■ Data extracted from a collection

━━━━━━

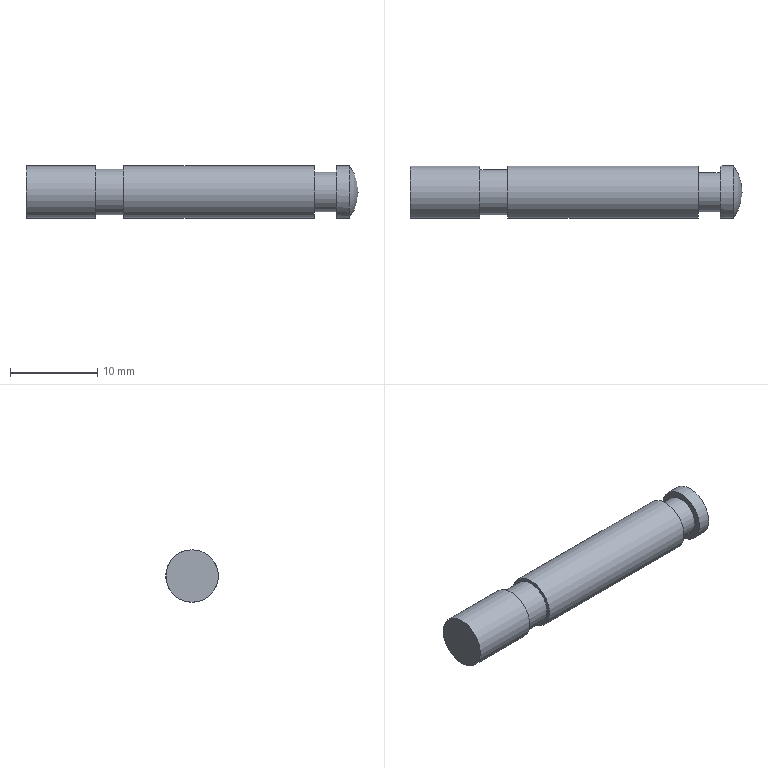Component | NX | SUPPORT_STUD | 1 solid | 11 faces | box 38 x 6 x 6 mm | volume 1007 mm3 | cylinder 5 | plane 5 | sphere 1 | commonest cylinder face diameters 6 x3 4.5 x1 5.188 x1
STEP:
#1=CARTESIAN_POINT('',(0.,0.,0.));
#2=DIRECTION('',(0.,0.,1.));
#3=DIRECTION('',(1.,0.,0.));
#4=AXIS2_PLACEMENT_3D('',#1,#2,#3);
#5=CARTESIAN_POINT('',(-18.8,-52.,-54.));
#6=VERTEX_POINT('',#5);
#7=CARTESIAN_POINT('',(-18.8,-52.,-57.));
#8=DIRECTION('',(1.,0.,-0.));
#9=DIRECTION('',(0.,0.,1.));
#10=AXIS2_PLACEMENT_3D('',#7,#8,#9);
#11=CIRCLE('',#10,3.);
#12=CARTESIAN_POINT('',(-30.,-52.,-57.));
#13=DIRECTION('',(1.,0.,0.));
#14=DIRECTION('',(0.,0.,1.));
#15=AXIS2_PLACEMENT_3D('',#12,#13,#14);
#16=CYLINDRICAL_SURFACE('',#15,3.);
#17=CARTESIAN_POINT('',(0.,11.2));
#18=DIRECTION('',(1.,0.));
#19=VECTOR('',#18,1.);
#20=LINE('',#17,#19);
#21=(GEOMETRIC_REPRESENTATION_CONTEXT(2)PARAMETRIC_REPRESENTATION_CONTEXT()REPRESENTATION_CONTEXT('',''));
#22=DEFINITIONAL_REPRESENTATION('',(#20),#21);
#23=PCURVE('',#16,#22);
#24=CARTESIAN_POINT('',(-18.8,-52.,-57.));
#25=DIRECTION('',(1.,0.,-0.));
#26=DIRECTION('',(0.,-1.,0.));
#27=AXIS2_PLACEMENT_3D('',#24,#25,#26);
#28=PLANE('',#27);
#29=CARTESIAN_POINT('',(0.,0.));
#30=DIRECTION('',(0.,-1.));
#31=AXIS2_PLACEMENT_2D('',#29,#30);
#32=CIRCLE('',#31,3.);
#33=(GEOMETRIC_REPRESENTATION_CONTEXT(2)PARAMETRIC_REPRESENTATION_CONTEXT()REPRESENTATION_CONTEXT('',''));
#34=DEFINITIONAL_REPRESENTATION('',(#32),#33);
#35=PCURVE('',#28,#34);
#36=SURFACE_CURVE('',#11,(#23,#35),.PCURVE_S1.);
#37=EDGE_CURVE('',#6,#6,#36,.T.);
#38=ORIENTED_EDGE('',*,*,#37,.T.);
#39=CARTESIAN_POINT('',(3.,-52.,-54.));
#40=VERTEX_POINT('',#39);
#41=CARTESIAN_POINT('',(-18.8,-52.,-54.));
#42=CARTESIAN_POINT('',(3.,-52.,-54.));
#43=B_SPLINE_CURVE_WITH_KNOTS('',1,(#41,#42),.UNSPECIFIED.,.F.,.F.,(2,2),(11.2,33.),.PIECEWISE_BEZIER_KNOTS.);
#44=CARTESIAN_POINT('',(6.283,0.));
#45=DIRECTION('',(0.,1.));
#46=VECTOR('',#45,1.);
#47=LINE('',#44,#46);
#48=(GEOMETRIC_REPRESENTATION_CONTEXT(2)PARAMETRIC_REPRESENTATION_CONTEXT()REPRESENTATION_CONTEXT('',''));
#49=DEFINITIONAL_REPRESENTATION('',(#47),#48);
#50=PCURVE('',#16,#49);
#51=CARTESIAN_POINT('',(0.,0.));
#52=DIRECTION('',(0.,1.));
#53=VECTOR('',#52,1.);
#54=LINE('',#51,#53);
#55=(GEOMETRIC_REPRESENTATION_CONTEXT(2)PARAMETRIC_REPRESENTATION_CONTEXT()REPRESENTATION_CONTEXT('',''));
#56=DEFINITIONAL_REPRESENTATION('',(#54),#55);
#57=PCURVE('',#16,#56);
#58=SEAM_CURVE('',#43,(#50,#57),.PCURVE_S1.);
#59=EDGE_CURVE('',#6,#40,#58,.T.);
#60=ORIENTED_EDGE('',*,*,#59,.T.);
#61=CARTESIAN_POINT('',(3.,-52.,-57.));
#62=DIRECTION('',(1.,0.,0.));
#63=DIRECTION('',(0.,0.,1.));
#64=AXIS2_PLACEMENT_3D('',#61,#62,#63);
#65=CIRCLE('',#64,3.);
#66=CARTESIAN_POINT('',(0.,33.));
#67=DIRECTION('',(1.,0.));
#68=VECTOR('',#67,1.);
#69=LINE('',#66,#68);
#70=(GEOMETRIC_REPRESENTATION_CONTEXT(2)PARAMETRIC_REPRESENTATION_CONTEXT()REPRESENTATION_CONTEXT('',''));
#71=DEFINITIONAL_REPRESENTATION('',(#69),#70);
#72=PCURVE('',#16,#71);
#73=CARTESIAN_POINT('',(3.,-52.,-57.));
#74=DIRECTION('',(1.,0.,0.));
#75=DIRECTION('',(0.,0.,1.));
#76=AXIS2_PLACEMENT_3D('',#73,#74,#75);
#77=PLANE('',#76);
#78=CARTESIAN_POINT('',(0.,0.));
#79=DIRECTION('',(1.,0.));
#80=AXIS2_PLACEMENT_2D('',#78,#79);
#81=CIRCLE('',#80,3.);
#82=(GEOMETRIC_REPRESENTATION_CONTEXT(2)PARAMETRIC_REPRESENTATION_CONTEXT()REPRESENTATION_CONTEXT('',''));
#83=DEFINITIONAL_REPRESENTATION('',(#81),#82);
#84=PCURVE('',#77,#83);
#85=SURFACE_CURVE('',#65,(#72,#84),.PCURVE_S1.);
#86=EDGE_CURVE('',#40,#40,#85,.T.);
#87=ORIENTED_EDGE('',*,*,#86,.F.);
#88=ORIENTED_EDGE('',*,*,#59,.F.);
#89=EDGE_LOOP('',(#38,#60,#87,#88));
#90=FACE_BOUND('',#89,.T.);
#91=ADVANCED_FACE('',(#90),#16,.T.);
#92=CARTESIAN_POINT('',(3.,-52.,-54.75));
#93=VERTEX_POINT('',#92);
#94=CARTESIAN_POINT('',(3.,-52.,-57.));
#95=DIRECTION('',(-1.,0.,0.));
#96=DIRECTION('',(0.,0.,1.));
#97=AXIS2_PLACEMENT_3D('',#94,#95,#96);
#98=CIRCLE('',#97,2.25);
#99=CARTESIAN_POINT('',(2.25,0.));
#100=CARTESIAN_POINT('',(2.25,-3.897));
#101=CARTESIAN_POINT('',(-1.125,-1.949));
#102=CARTESIAN_POINT('',(-4.5,-0.));
#103=CARTESIAN_POINT('',(-1.125,1.949));
#104=CARTESIAN_POINT('',(2.25,3.897));
#105=CARTESIAN_POINT('',(2.25,0.));
#106=(BOUNDED_CURVE()B_SPLINE_CURVE(2,(#99,#100,#101,#102,#103,#104,#105),.UNSPECIFIED.,.T.,.F.)B_SPLINE_CURVE_WITH_KNOTS((1,2,2,2,2,1),(-2.094,0.,2.094,4.189,6.283,8.378),.UNSPECIFIED.)CURVE()GEOMETRIC_REPRESENTATION_ITEM()RATIONAL_B_SPLINE_CURVE((1.,0.5,1.,0.5,1.,0.5,1.))REPRESENTATION_ITEM(''));
#107=(GEOMETRIC_REPRESENTATION_CONTEXT(2)PARAMETRIC_REPRESENTATION_CONTEXT()REPRESENTATION_CONTEXT('',''));
#108=DEFINITIONAL_REPRESENTATION('',(#106),#107);
#109=PCURVE('',#77,#108);
#110=CARTESIAN_POINT('',(-3.75,-52.,-57.));
#111=DIRECTION('',(1.,0.,0.));
#112=DIRECTION('',(0.,0.,1.));
#113=AXIS2_PLACEMENT_3D('',#110,#111,#112);
#114=CYLINDRICAL_SURFACE('',#113,2.25);
#115=CARTESIAN_POINT('',(6.283,6.75));
#116=DIRECTION('',(-1.,0.));
#117=VECTOR('',#116,1.);
#118=LINE('',#115,#117);
#119=(GEOMETRIC_REPRESENTATION_CONTEXT(2)PARAMETRIC_REPRESENTATION_CONTEXT()REPRESENTATION_CONTEXT('',''));
#120=DEFINITIONAL_REPRESENTATION('',(#118),#119);
#121=PCURVE('',#114,#120);
#122=SURFACE_CURVE('',#98,(#109,#121),.PCURVE_S1.);
#123=EDGE_CURVE('',#93,#93,#122,.T.);
#124=ORIENTED_EDGE('',*,*,#123,.T.);
#125=EDGE_LOOP('',(#124));
#126=FACE_BOUND('',#125,.T.);
#127=ORIENTED_EDGE('',*,*,#86,.T.);
#128=EDGE_LOOP('',(#127));
#129=FACE_BOUND('',#128,.T.);
#130=ADVANCED_FACE('',(#126,#129),#77,.T.);
#131=CARTESIAN_POINT('',(5.5,-52.,-54.75));
#132=VERTEX_POINT('',#131);
#133=CARTESIAN_POINT('',(5.5,-52.,-57.));
#134=DIRECTION('',(-1.,0.,0.));
#135=DIRECTION('',(0.,0.,1.));
#136=AXIS2_PLACEMENT_3D('',#133,#134,#135);
#137=CIRCLE('',#136,2.25);
#138=CARTESIAN_POINT('',(5.5,-52.,-57.));
#139=DIRECTION('',(1.,0.,0.));
#140=DIRECTION('',(0.,0.,1.));
#141=AXIS2_PLACEMENT_3D('',#138,#139,#140);
#142=PLANE('',#141);
#143=CARTESIAN_POINT('',(2.25,0.));
#144=CARTESIAN_POINT('',(2.25,-3.897));
#145=CARTESIAN_POINT('',(-1.125,-1.949));
#146=CARTESIAN_POINT('',(-4.5,-0.));
#147=CARTESIAN_POINT('',(-1.125,1.949));
#148=CARTESIAN_POINT('',(2.25,3.897));
#149=CARTESIAN_POINT('',(2.25,0.));
#150=(BOUNDED_CURVE()B_SPLINE_CURVE(2,(#143,#144,#145,#146,#147,#148,#149),.UNSPECIFIED.,.T.,.F.)B_SPLINE_CURVE_WITH_KNOTS((1,2,2,2,2,1),(-2.094,0.,2.094,4.189,6.283,8.378),.UNSPECIFIED.)CURVE()GEOMETRIC_REPRESENTATION_ITEM()RATIONAL_B_SPLINE_CURVE((1.,0.5,1.,0.5,1.,0.5,1.))REPRESENTATION_ITEM(''));
#151=(GEOMETRIC_REPRESENTATION_CONTEXT(2)PARAMETRIC_REPRESENTATION_CONTEXT()REPRESENTATION_CONTEXT('',''));
#152=DEFINITIONAL_REPRESENTATION('',(#150),#151);
#153=PCURVE('',#142,#152);
#154=CARTESIAN_POINT('',(6.283,9.25));
#155=DIRECTION('',(-1.,0.));
#156=VECTOR('',#155,1.);
#157=LINE('',#154,#156);
#158=(GEOMETRIC_REPRESENTATION_CONTEXT(2)PARAMETRIC_REPRESENTATION_CONTEXT()REPRESENTATION_CONTEXT('',''));
#159=DEFINITIONAL_REPRESENTATION('',(#157),#158);
#160=PCURVE('',#114,#159);
#161=SURFACE_CURVE('',#137,(#153,#160),.PCURVE_S1.);
#162=EDGE_CURVE('',#132,#132,#161,.T.);
#163=ORIENTED_EDGE('',*,*,#162,.F.);
#164=EDGE_LOOP('',(#163));
#165=FACE_BOUND('',#164,.T.);
#166=CARTESIAN_POINT('',(5.5,-52.,-54.));
#167=VERTEX_POINT('',#166);
#168=CARTESIAN_POINT('',(5.5,-52.,-57.));
#169=DIRECTION('',(1.,0.,0.));
#170=DIRECTION('',(0.,0.,1.));
#171=AXIS2_PLACEMENT_3D('',#168,#169,#170);
#172=CIRCLE('',#171,3.);
#173=CARTESIAN_POINT('',(0.,0.));
#174=DIRECTION('',(1.,0.));
#175=AXIS2_PLACEMENT_2D('',#173,#174);
#176=CIRCLE('',#175,3.);
#177=(GEOMETRIC_REPRESENTATION_CONTEXT(2)PARAMETRIC_REPRESENTATION_CONTEXT()REPRESENTATION_CONTEXT('',''));
#178=DEFINITIONAL_REPRESENTATION('',(#176),#177);
#179=PCURVE('',#142,#178);
#180=CARTESIAN_POINT('',(-30.,-52.,-57.));
#181=DIRECTION('',(1.,0.,0.));
#182=DIRECTION('',(0.,0.,1.));
#183=AXIS2_PLACEMENT_3D('',#180,#181,#182);
#184=CYLINDRICAL_SURFACE('',#183,3.);
#185=CARTESIAN_POINT('',(0.,35.5));
#186=DIRECTION('',(1.,0.));
#187=VECTOR('',#186,1.);
#188=LINE('',#185,#187);
#189=(GEOMETRIC_REPRESENTATION_CONTEXT(2)PARAMETRIC_REPRESENTATION_CONTEXT()REPRESENTATION_CONTEXT('',''));
#190=DEFINITIONAL_REPRESENTATION('',(#188),#189);
#191=PCURVE('',#184,#190);
#192=SURFACE_CURVE('',#172,(#179,#191),.PCURVE_S1.);
#193=EDGE_CURVE('',#167,#167,#192,.T.);
#194=ORIENTED_EDGE('',*,*,#193,.F.);
#195=EDGE_LOOP('',(#194));
#196=FACE_BOUND('',#195,.T.);
#197=ADVANCED_FACE('',(#165,#196),#142,.F.);
#198=ORIENTED_EDGE('',*,*,#162,.T.);
#199=CARTESIAN_POINT('',(3.,-52.,-54.75));
#200=CARTESIAN_POINT('',(5.5,-52.,-54.75));
#201=B_SPLINE_CURVE_WITH_KNOTS('',1,(#199,#200),.UNSPECIFIED.,.F.,.F.,(2,2),(6.75,9.25),.PIECEWISE_BEZIER_KNOTS.);
#202=CARTESIAN_POINT('',(0.,0.));
#203=DIRECTION('',(0.,1.));
#204=VECTOR('',#203,1.);
#205=LINE('',#202,#204);
#206=(GEOMETRIC_REPRESENTATION_CONTEXT(2)PARAMETRIC_REPRESENTATION_CONTEXT()REPRESENTATION_CONTEXT('',''));
#207=DEFINITIONAL_REPRESENTATION('',(#205),#206);
#208=PCURVE('',#114,#207);
#209=CARTESIAN_POINT('',(6.283,0.));
#210=DIRECTION('',(0.,1.));
#211=VECTOR('',#210,1.);
#212=LINE('',#209,#211);
#213=(GEOMETRIC_REPRESENTATION_CONTEXT(2)PARAMETRIC_REPRESENTATION_CONTEXT()REPRESENTATION_CONTEXT('',''));
#214=DEFINITIONAL_REPRESENTATION('',(#212),#213);
#215=PCURVE('',#114,#214);
#216=SEAM_CURVE('',#201,(#208,#215),.PCURVE_S1.);
#217=EDGE_CURVE('',#93,#132,#216,.T.);
#218=ORIENTED_EDGE('',*,*,#217,.F.);
#219=ORIENTED_EDGE('',*,*,#123,.F.);
#220=ORIENTED_EDGE('',*,*,#217,.T.);
#221=EDGE_LOOP('',(#198,#218,#219,#220));
#222=FACE_BOUND('',#221,.T.);
#223=ADVANCED_FACE('',(#222),#114,.T.);
#224=CARTESIAN_POINT('',(7.,-52.,-54.));
#225=VERTEX_POINT('',#224);
#226=CARTESIAN_POINT('',(7.,-49.,-57.));
#227=VERTEX_POINT('',#226);
#228=CARTESIAN_POINT('',(7.,-52.,-57.));
#229=DIRECTION('',(1.,0.,0.));
#230=DIRECTION('',(0.,0.,1.));
#231=AXIS2_PLACEMENT_3D('',#228,#229,#230);
#232=CIRCLE('',#231,3.);
#233=CARTESIAN_POINT('',(3.,-52.,-57.));
#234=DIRECTION('',(1.,0.,0.));
#235=DIRECTION('',(0.,1.,0.));
#236=AXIS2_PLACEMENT_3D('',#233,#234,#235);
#237=SPHERICAL_SURFACE('',#236,5.);
#238=CARTESIAN_POINT('',(1.571,0.9273));
#239=CARTESIAN_POINT('',(1.666,0.9273));
#240=CARTESIAN_POINT('',(1.856,0.9273));
#241=CARTESIAN_POINT('',(2.142,0.9273));
#242=CARTESIAN_POINT('',(2.428,0.9273));
#243=CARTESIAN_POINT('',(2.713,0.9273));
#244=CARTESIAN_POINT('',(2.999,0.9273));
#245=CARTESIAN_POINT('',(3.284,0.9273));
#246=CARTESIAN_POINT('',(3.57,0.9273));
#247=CARTESIAN_POINT('',(3.856,0.9273));
#248=CARTESIAN_POINT('',(4.141,0.9273));
#249=CARTESIAN_POINT('',(4.427,0.9273));
#250=CARTESIAN_POINT('',(4.712,0.9273));
#251=CARTESIAN_POINT('',(4.998,0.9273));
#252=CARTESIAN_POINT('',(5.284,0.9273));
#253=CARTESIAN_POINT('',(5.569,0.9273));
#254=CARTESIAN_POINT('',(5.855,0.9273));
#255=CARTESIAN_POINT('',(6.14,0.9273));
#256=CARTESIAN_POINT('',(6.426,0.9273));
#257=CARTESIAN_POINT('',(6.712,0.9273));
#258=CARTESIAN_POINT('',(6.997,0.9273));
#259=CARTESIAN_POINT('',(7.283,0.9273));
#260=CARTESIAN_POINT('',(7.568,0.9273));
#261=CARTESIAN_POINT('',(7.759,0.9273));
#262=CARTESIAN_POINT('',(7.854,0.9273));
#263=B_SPLINE_CURVE_WITH_KNOTS('',3,(#238,#239,#240,#241,#242,#243,#244,#245,#246,#247,#248,#249,#250,#251,#252,#253,#254,#255,#256,#257,#258,#259,#260,#261,#262),.UNSPECIFIED.,.F.,.F.,(4,1,1,1,1,1,1,1,1,1,1,1,1,1,1,1,1,1,1,1,1,1,4),(0.,0.2856,0.5712,0.8568,1.142,1.428,1.714,1.999,2.285,2.57,2.856,3.142,3.427,3.713,3.998,4.284,4.57,4.855,5.141,5.426,5.712,5.998,6.283),.QUASI_UNIFORM_KNOTS.);
#264=(GEOMETRIC_REPRESENTATION_CONTEXT(2)PARAMETRIC_REPRESENTATION_CONTEXT()REPRESENTATION_CONTEXT('',''));
#265=DEFINITIONAL_REPRESENTATION('',(#263),#264);
#266=PCURVE('',#237,#265);
#267=CARTESIAN_POINT('',(0.,37.));
#268=DIRECTION('',(1.,0.));
#269=VECTOR('',#268,1.);
#270=LINE('',#267,#269);
#271=(GEOMETRIC_REPRESENTATION_CONTEXT(2)PARAMETRIC_REPRESENTATION_CONTEXT()REPRESENTATION_CONTEXT('',''));
#272=DEFINITIONAL_REPRESENTATION('',(#270),#271);
#273=PCURVE('',#184,#272);
#274=SURFACE_CURVE('',#232,(#266,#273),.PCURVE_S1.);
#275=EDGE_CURVE('',#225,#227,#274,.T.);
#276=ORIENTED_EDGE('',*,*,#275,.T.);
#277=CARTESIAN_POINT('',(8.,-52.,-57.));
#278=VERTEX_POINT('',#277);
#279=CARTESIAN_POINT('',(7.,-49.,-57.));
#280=CARTESIAN_POINT('',(7.386,-49.515,-57.));
#281=CARTESIAN_POINT('',(7.689,-50.092,-57.));
#282=CARTESIAN_POINT('',(7.896,-50.713,-57.));
#283=CARTESIAN_POINT('',(8.,-51.356,-57.));
#284=CARTESIAN_POINT('',(8.,-52.,-57.));
#285=B_SPLINE_CURVE_WITH_KNOTS('',5,(#279,#280,#281,#282,#283,#284),.UNSPECIFIED.,.F.,.F.,(6,6),(0.9273,1.571),.PIECEWISE_BEZIER_KNOTS.);
#286=CARTESIAN_POINT('',(6.283,0.));
#287=DIRECTION('',(0.,1.));
#288=VECTOR('',#287,1.);
#289=LINE('',#286,#288);
#290=(GEOMETRIC_REPRESENTATION_CONTEXT(2)PARAMETRIC_REPRESENTATION_CONTEXT()REPRESENTATION_CONTEXT('',''));
#291=DEFINITIONAL_REPRESENTATION('',(#289),#290);
#292=PCURVE('',#237,#291);
#293=CARTESIAN_POINT('',(0.,0.));
#294=DIRECTION('',(0.,1.));
#295=VECTOR('',#294,1.);
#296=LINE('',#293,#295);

━━━━━━

■ WHAT YOU NEED TO DO
Of all the entries above, retype exactly the lines from the line with "#23=PCURVE('',#16,#22);" to the line with "#38=ORIENTED_EDGE('',*,*,#37,.T.);", both included, and no others.

■ ANSWER BOX
#23=PCURVE('',#16,#22);
#24=CARTESIAN_POINT('',(-18.8,-52.,-57.));
#25=DIRECTION('',(1.,0.,-0.));
#26=DIRECTION('',(0.,-1.,0.));
#27=AXIS2_PLACEMENT_3D('',#24,#25,#26);
#28=PLANE('',#27);
#29=CARTESIAN_POINT('',(0.,0.));
#30=DIRECTION('',(0.,-1.));
#31=AXIS2_PLACEMENT_2D('',#29,#30);
#32=CIRCLE('',#31,3.);
#33=(GEOMETRIC_REPRESENTATION_CONTEXT(2)PARAMETRIC_REPRESENTATION_CONTEXT()REPRESENTATION_CONTEXT('',''));
#34=DEFINITIONAL_REPRESENTATION('',(#32),#33);
#35=PCURVE('',#28,#34);
#36=SURFACE_CURVE('',#11,(#23,#35),.PCURVE_S1.);
#37=EDGE_CURVE('',#6,#6,#36,.T.);
#38=ORIENTED_EDGE('',*,*,#37,.T.);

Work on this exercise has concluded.